Dataset records:
──────────
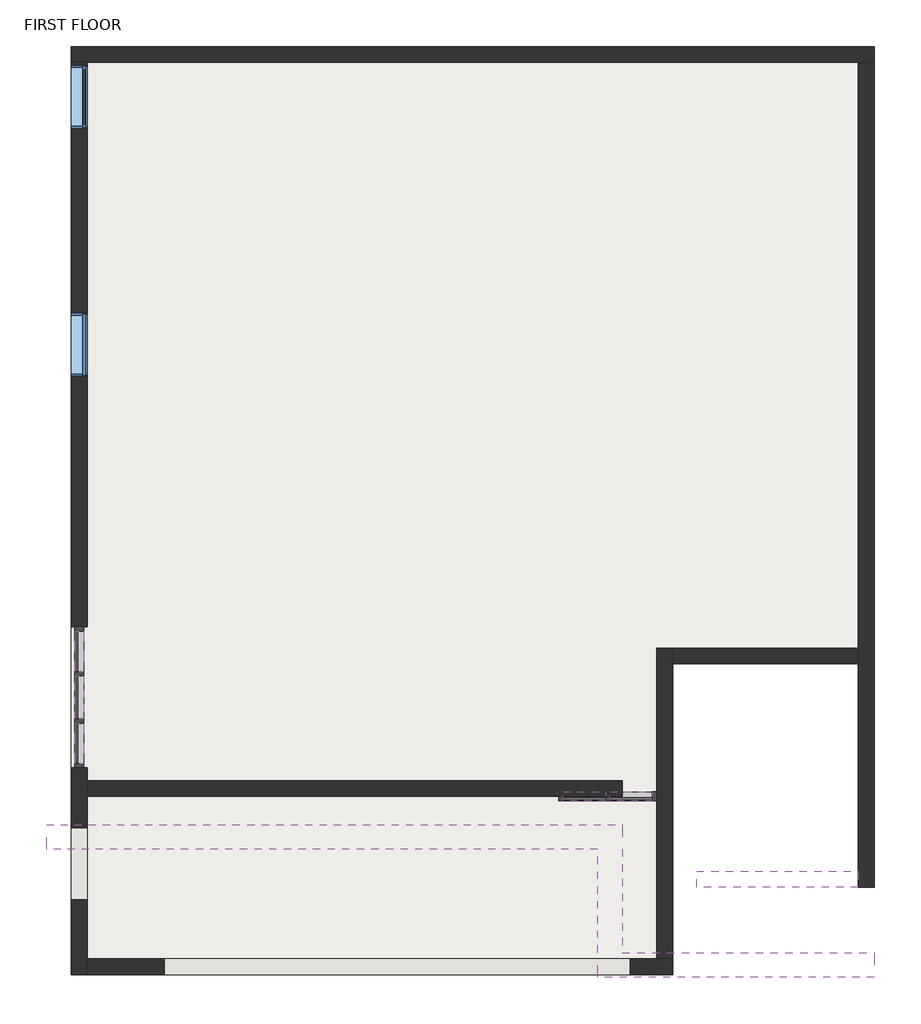
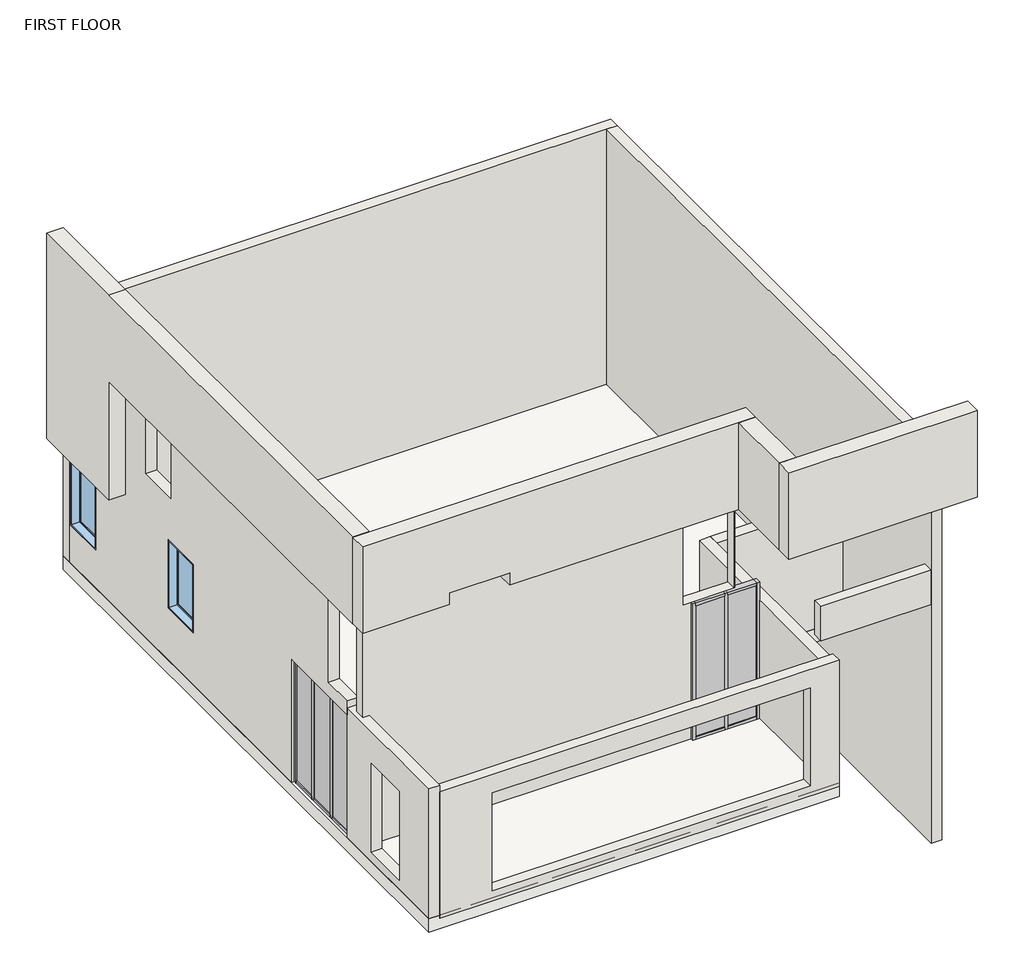
# One storey: 17 members, 10 walls, 5 plates, 2 windows, 1 slab.
"""IFC4 building model written with IfcOpenShell, lengths in millimetres."""

from ifc_helpers import new_model, si_unit, frame, origin, place, context, project, spatial, polyline, outline, extrude, faceted_brep, transform, mapped, element, save
from components import member_a78380a5, member_818e9b4f, member_923d5781, member_94110371, member_3f395ae9, member_47bfaf8a, member_eaba9652, system_panel_glazed_aba10d55, system_panel_glazed_f1f14fe1, system_panel_glazed_7c349084, walls_3_walls_3_ce3253ed, window_cd393ee1

model = new_model("IFC4")

# Units and contexts
model_context = context("Model", 3, world=origin())
ifc_project = project(units=[si_unit("LENGTHUNIT", "METRE", prefix="MILLI")], contexts=[model_context])

# Site, building, storey
site = spatial("IfcSite", under=ifc_project)
building = spatial("IfcBuilding", under=site)
storey = spatial("IfcBuildingStorey", under=building, Name="FIRST FLOOR", Elevation=3048.0)

# Members
placement = place(None, origin())
member_shape = member_a78380a5(model_context)
element("IfcMember", 1, ObjectType="Rectangular Mullion : 2.5\" x 5\" rectangular", at=placement, inside=storey, context=model_context, shape_type="MappedRepresentation", body=[
    mapped(member_shape, transform((-7703.3081251, 4742.1873118, 3048.0), x_axis=(0.0, 1.0, 0.0), y_axis=(1.0, 0.0, 0.0), z_axis=(0.0, 0.0, -1.0))),
])
element("IfcMember", 2, ObjectType="Rectangular Mullion : 2.5\" x 5\" rectangular", at=placement, inside=storey, context=model_context, shape_type="MappedRepresentation", body=[
    mapped(member_shape, transform((-7703.3081251, 2710.1873118, 5791.2), x_axis=(0.0, -1.0, 0.0), y_axis=(1.0, 0.0, 0.0), z_axis=(0.0, 0.0, 1.0))),
])
member_2_shape = member_818e9b4f(model_context)
element("IfcMember", 3, ObjectType="Rectangular Mullion : 2.5\" x 5\" rectangular", at=placement, inside=storey, context=model_context, shape_type="MappedRepresentation", body=[
    mapped(member_2_shape, transform((-7703.3081251, 4678.6873118, 5791.2), x_axis=(0.0, 0.0, 1.0), y_axis=(1.0, 0.0, 0.0), z_axis=(0.0, 1.0, 0.0))),
])
element("IfcMember", 4, ObjectType="Rectangular Mullion : 2.5\" x 5\" rectangular", at=placement, inside=storey, context=model_context, shape_type="MappedRepresentation", body=[
    mapped(member_2_shape, transform((-7703.3081251, 3355.7706451, 5791.2), x_axis=(0.0, 0.0, 1.0), y_axis=(1.0, 0.0, 0.0), z_axis=(0.0, 1.0, 0.0))),
])
element("IfcMember", 5, ObjectType="Rectangular Mullion : 2.5\" x 5\" rectangular", at=placement, inside=storey, context=model_context, shape_type="MappedRepresentation", body=[
    mapped(member_2_shape, transform((-7703.3081251, 2773.6873118, 3048.0), x_axis=(0.0, 0.0, -1.0), y_axis=(1.0, 0.0, 0.0), z_axis=(0.0, -1.0, 0.0))),
])
element("IfcMember", 6, ObjectType="Rectangular Mullion : 2.5\" x 5\" rectangular", at=placement, inside=storey, context=model_context, shape_type="MappedRepresentation", body=[
    mapped(member_2_shape, transform((-7703.3081251, 4096.6039785, 3048.0), x_axis=(0.0, 0.0, -1.0), y_axis=(1.0, 0.0, 0.0), z_axis=(0.0, -1.0, 0.0))),
])
member_3_shape = member_923d5781(model_context)
element("IfcMember", 7, ObjectType="Rectangular Mullion : 2.5\" x 5\" rectangular", at=placement, inside=storey, context=model_context, shape_type="MappedRepresentation", body=[
    mapped(member_3_shape, transform((-7703.3081251, 4064.8539785, 3048.0), x_axis=(0.0, 1.0, 0.0), y_axis=(1.0, 0.0, 0.0), z_axis=(0.0, 0.0, -1.0))),
])
element("IfcMember", 8, ObjectType="Rectangular Mullion : 2.5\" x 5\" rectangular", at=placement, inside=storey, context=model_context, shape_type="MappedRepresentation", body=[
    mapped(member_3_shape, transform((-7703.3081251, 3387.5206451, 3048.0), x_axis=(0.0, 1.0, 0.0), y_axis=(1.0, 0.0, 0.0), z_axis=(0.0, 0.0, -1.0))),
])
member_4_shape = member_94110371(model_context)
element("IfcMember", 9, ObjectType="Rectangular Mullion : 2.5\" x 5\" rectangular", at=placement, inside=storey, context=model_context, shape_type="MappedRepresentation", body=[
    mapped(member_4_shape, transform((-7703.3081251, 4033.1039785, 5791.2), x_axis=(0.0, 0.0, 1.0), y_axis=(1.0, 0.0, 0.0), z_axis=(0.0, 1.0, 0.0))),
])
element("IfcMember", 10, ObjectType="Rectangular Mullion : 2.5\" x 5\" rectangular", at=placement, inside=storey, context=model_context, shape_type="MappedRepresentation", body=[
    mapped(member_4_shape, transform((-7703.3081251, 3419.2706451, 3048.0), x_axis=(0.0, 0.0, -1.0), y_axis=(1.0, 0.0, 0.0), z_axis=(0.0, -1.0, 0.0))),
])
member_5_shape = member_3f395ae9(model_context)
element("IfcMember", 11, ObjectType="Rectangular Mullion : 2.5\" x 5\" rectangular", at=placement, inside=storey, context=model_context, shape_type="MappedRepresentation", body=[
    mapped(member_5_shape, transform((-807.1207252, 2301.5467494, 3048.0), x_axis=(-1.0, 0.0, 0.0), y_axis=(0.0, 1.0, 0.0), z_axis=(0.0, 0.0, -1.0))),
])
element("IfcMember", 12, ObjectType="Rectangular Mullion : 2.5\" x 5\" rectangular", at=placement, inside=storey, context=model_context, shape_type="MappedRepresentation", body=[
    mapped(member_5_shape, transform((602.5792748, 2301.5467494, 6096.0), x_axis=(1.0, 0.0, 0.0), y_axis=(0.0, 1.0, 0.0), z_axis=(0.0, 0.0, 1.0))),
])
member_6_shape = member_47bfaf8a(model_context)
element("IfcMember", 13, ObjectType="Rectangular Mullion : 2.5\" x 5\" rectangular", at=placement, inside=storey, context=model_context, shape_type="MappedRepresentation", body=[
    mapped(member_6_shape, transform((-743.6207252, 2301.5467494, 6096.0), x_axis=(0.0, 0.0, 1.0), y_axis=(0.0, 1.0, 0.0), z_axis=(-1.0, 0.0, 0.0))),
])
element("IfcMember", 14, ObjectType="Rectangular Mullion : 2.5\" x 5\" rectangular", at=placement, inside=storey, context=model_context, shape_type="MappedRepresentation", body=[
    mapped(member_6_shape, transform((-70.5207252, 2301.5467494, 6096.0), x_axis=(0.0, 0.0, 1.0), y_axis=(0.0, 1.0, 0.0), z_axis=(-1.0, 0.0, 0.0))),
])
element("IfcMember", 15, ObjectType="Rectangular Mullion : 2.5\" x 5\" rectangular", at=placement, inside=storey, context=model_context, shape_type="MappedRepresentation", body=[
    mapped(member_6_shape, transform((539.0792748, 2301.5467494, 3048.0), x_axis=(0.0, 0.0, -1.0), y_axis=(0.0, 1.0, 0.0), z_axis=(1.0, 0.0, 0.0))),
])
element("IfcMember", 16, ObjectType="Rectangular Mullion : 2.5\" x 5\" rectangular", at=placement, inside=storey, context=model_context, shape_type="MappedRepresentation", body=[
    mapped(member_6_shape, transform((-134.0207252, 2301.5467494, 3048.0), x_axis=(0.0, 0.0, -1.0), y_axis=(0.0, 1.0, 0.0), z_axis=(1.0, 0.0, 0.0))),
])
member_7_shape = member_eaba9652(model_context)
element("IfcMember", 17, ObjectType="Rectangular Mullion : 2.5\" x 5\" rectangular", at=placement, inside=storey, context=model_context, shape_type="MappedRepresentation", body=[
    mapped(member_7_shape, transform((-102.2707252, 2301.5467494, 3048.0), x_axis=(-1.0, 0.0, 0.0), y_axis=(0.0, 1.0, 0.0), z_axis=(0.0, 0.0, -1.0))),
])

# Plates
system_panel_glazed_shape = system_panel_glazed_aba10d55(model_context)
element("IfcPlate", 18, ObjectType="System Panel : Glazed", at=placement, inside=storey, context=model_context, shape_type="MappedRepresentation", body=[
    mapped(system_panel_glazed_shape, transform((-7703.3081251, 3064.7289785, 3111.5), x_axis=(0.0, 1.0, 0.0), y_axis=(-1.0, 0.0, 0.0), z_axis=(0.0, 0.0, 1.0))),
])
element("IfcPlate", 19, ObjectType="System Panel : Glazed", at=placement, inside=storey, context=model_context, shape_type="MappedRepresentation", body=[
    mapped(system_panel_glazed_shape, transform((-7703.3081251, 4387.6456451, 3111.5), x_axis=(0.0, 1.0, 0.0), y_axis=(-1.0, 0.0, 0.0), z_axis=(0.0, 0.0, 1.0))),
])
system_panel_glazed_2_shape = system_panel_glazed_f1f14fe1(model_context)
element("IfcPlate", 20, ObjectType="System Panel : Glazed", at=placement, inside=storey, context=model_context, shape_type="MappedRepresentation", body=[
    mapped(system_panel_glazed_2_shape, transform((-7703.3081251, 3726.1873118, 3111.5), x_axis=(0.0, 1.0, 0.0), y_axis=(-1.0, 0.0, 0.0), z_axis=(0.0, 0.0, 1.0))),
])
system_panel_glazed_3_shape = system_panel_glazed_7c349084(model_context)
element("IfcPlate", 21, ObjectType="System Panel : Glazed", at=placement, inside=storey, context=model_context, shape_type="MappedRepresentation", body=[
    mapped(system_panel_glazed_3_shape, transform((234.2792748, 2301.5467494, 3111.5), x_axis=(-1.0, 0.0, 0.0), y_axis=(0.0, -1.0, 0.0), z_axis=(0.0, 0.0, 1.0))),
])
element("IfcPlate", 22, ObjectType="System Panel : Glazed", at=placement, inside=storey, context=model_context, shape_type="MappedRepresentation", body=[
    mapped(system_panel_glazed_3_shape, transform((-438.8207252, 2301.5467494, 3111.5), x_axis=(-1.0, 0.0, 0.0), y_axis=(0.0, -1.0, 0.0), z_axis=(0.0, 0.0, 1.0))),
])

# Slab
element("IfcSlab", 23, ObjectType="Generic - 12\"", at=placement, inside=storey, context=model_context, shape_type="SweptSolid", body=[
    extrude(outline(polyline([(3726.6918749, 13083.8953049), (3726.6918749, 4206.5953049), (831.1792748, 4206.5953049), (831.1792748, -263.8046951), (-7817.6081251, -263.8046951), (-7817.6081251, 13083.8953049), (3726.6918749, 13083.8953049)])), frame((0.0, 0.0, 2743.2), z_axis=(0.0, 0.0, 1.0), x_axis=(1.0, 0.0, 0.0)), (0.0, 0.0, 1.0), 304.8),
])

# Walls
element("IfcWall", 24, ObjectType="9\"", at=placement, inside=storey, context=model_context, shape_type="Brep", body=[
    faceted_brep([(-7817.6081251, 12855.2953049, 3048.0), (-7589.0081251, 12855.2953049, 3048.0), (-6636.5081251, 12855.2953049, 3048.0), (3498.0918749, 12855.2953049, 3048.0), (3726.6918749, 12855.2953049, 3048.0), (3726.6918749, 12855.2953049, 8737.6), (3498.0918749, 12855.2953049, 8737.6), (-7817.6081251, 12855.2953049, 8737.6), (-7817.6081251, 12855.2953049, 8432.8), (-7817.6081251, 13083.8953049, 3048.0), (-7817.6081251, 13083.8953049, 8737.6), (3726.6918749, 13083.8953049, 8737.6), (3726.6918749, 13083.8953049, 3048.0), (3498.0918749, 13083.8953049, 3048.0), (-6636.5081251, 13083.8953049, 3048.0)], [[[0, 1, 2, 3, 4, 5, 6, 7, 8]], [[9, 10, 11, 12, 13, 14]], [[4, 3, 2, 1, 0, 9, 14, 13, 12]], [[7, 6, 5, 11, 10]], [[5, 4, 12, 11]], [[0, 8, 7, 10, 9]]]),
])
element("IfcWall", 25, ObjectType="9\"", at=placement, inside=storey, context=model_context, shape_type="Brep", body=[
    faceted_brep([(3498.0918749, 13083.8953049, 0.0), (3498.0918749, 12855.2953049, 0.0), (3498.0918749, 993.4953049, 0.0), (3498.0918749, 993.4953049, 5334.0), (3498.0918749, 993.4953049, 6096.0), (3498.0918749, 993.4953049, 8737.6), (3498.0918749, 12855.2953049, 8737.6), (3498.0918749, 12855.2953049, 3048.0), (3498.0918749, 13083.8953049, 3048.0), (3726.6918749, 13083.8953049, 0.0), (3726.6918749, 13083.8953049, 3048.0), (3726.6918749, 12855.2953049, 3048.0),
──────────
AIM OF THE EXERCISE ▸
Above are the records. Copy every line in them holding "building".

PROBLEM SOLUTION ▸
"""IFC4 building model written with IfcOpenShell, lengths in millimetres."""
# Site, building, storey
building = spatial("IfcBuilding", under=site)
storey = spatial("IfcBuildingStorey", under=building, Name="FIRST FLOOR", Elevation=3048.0)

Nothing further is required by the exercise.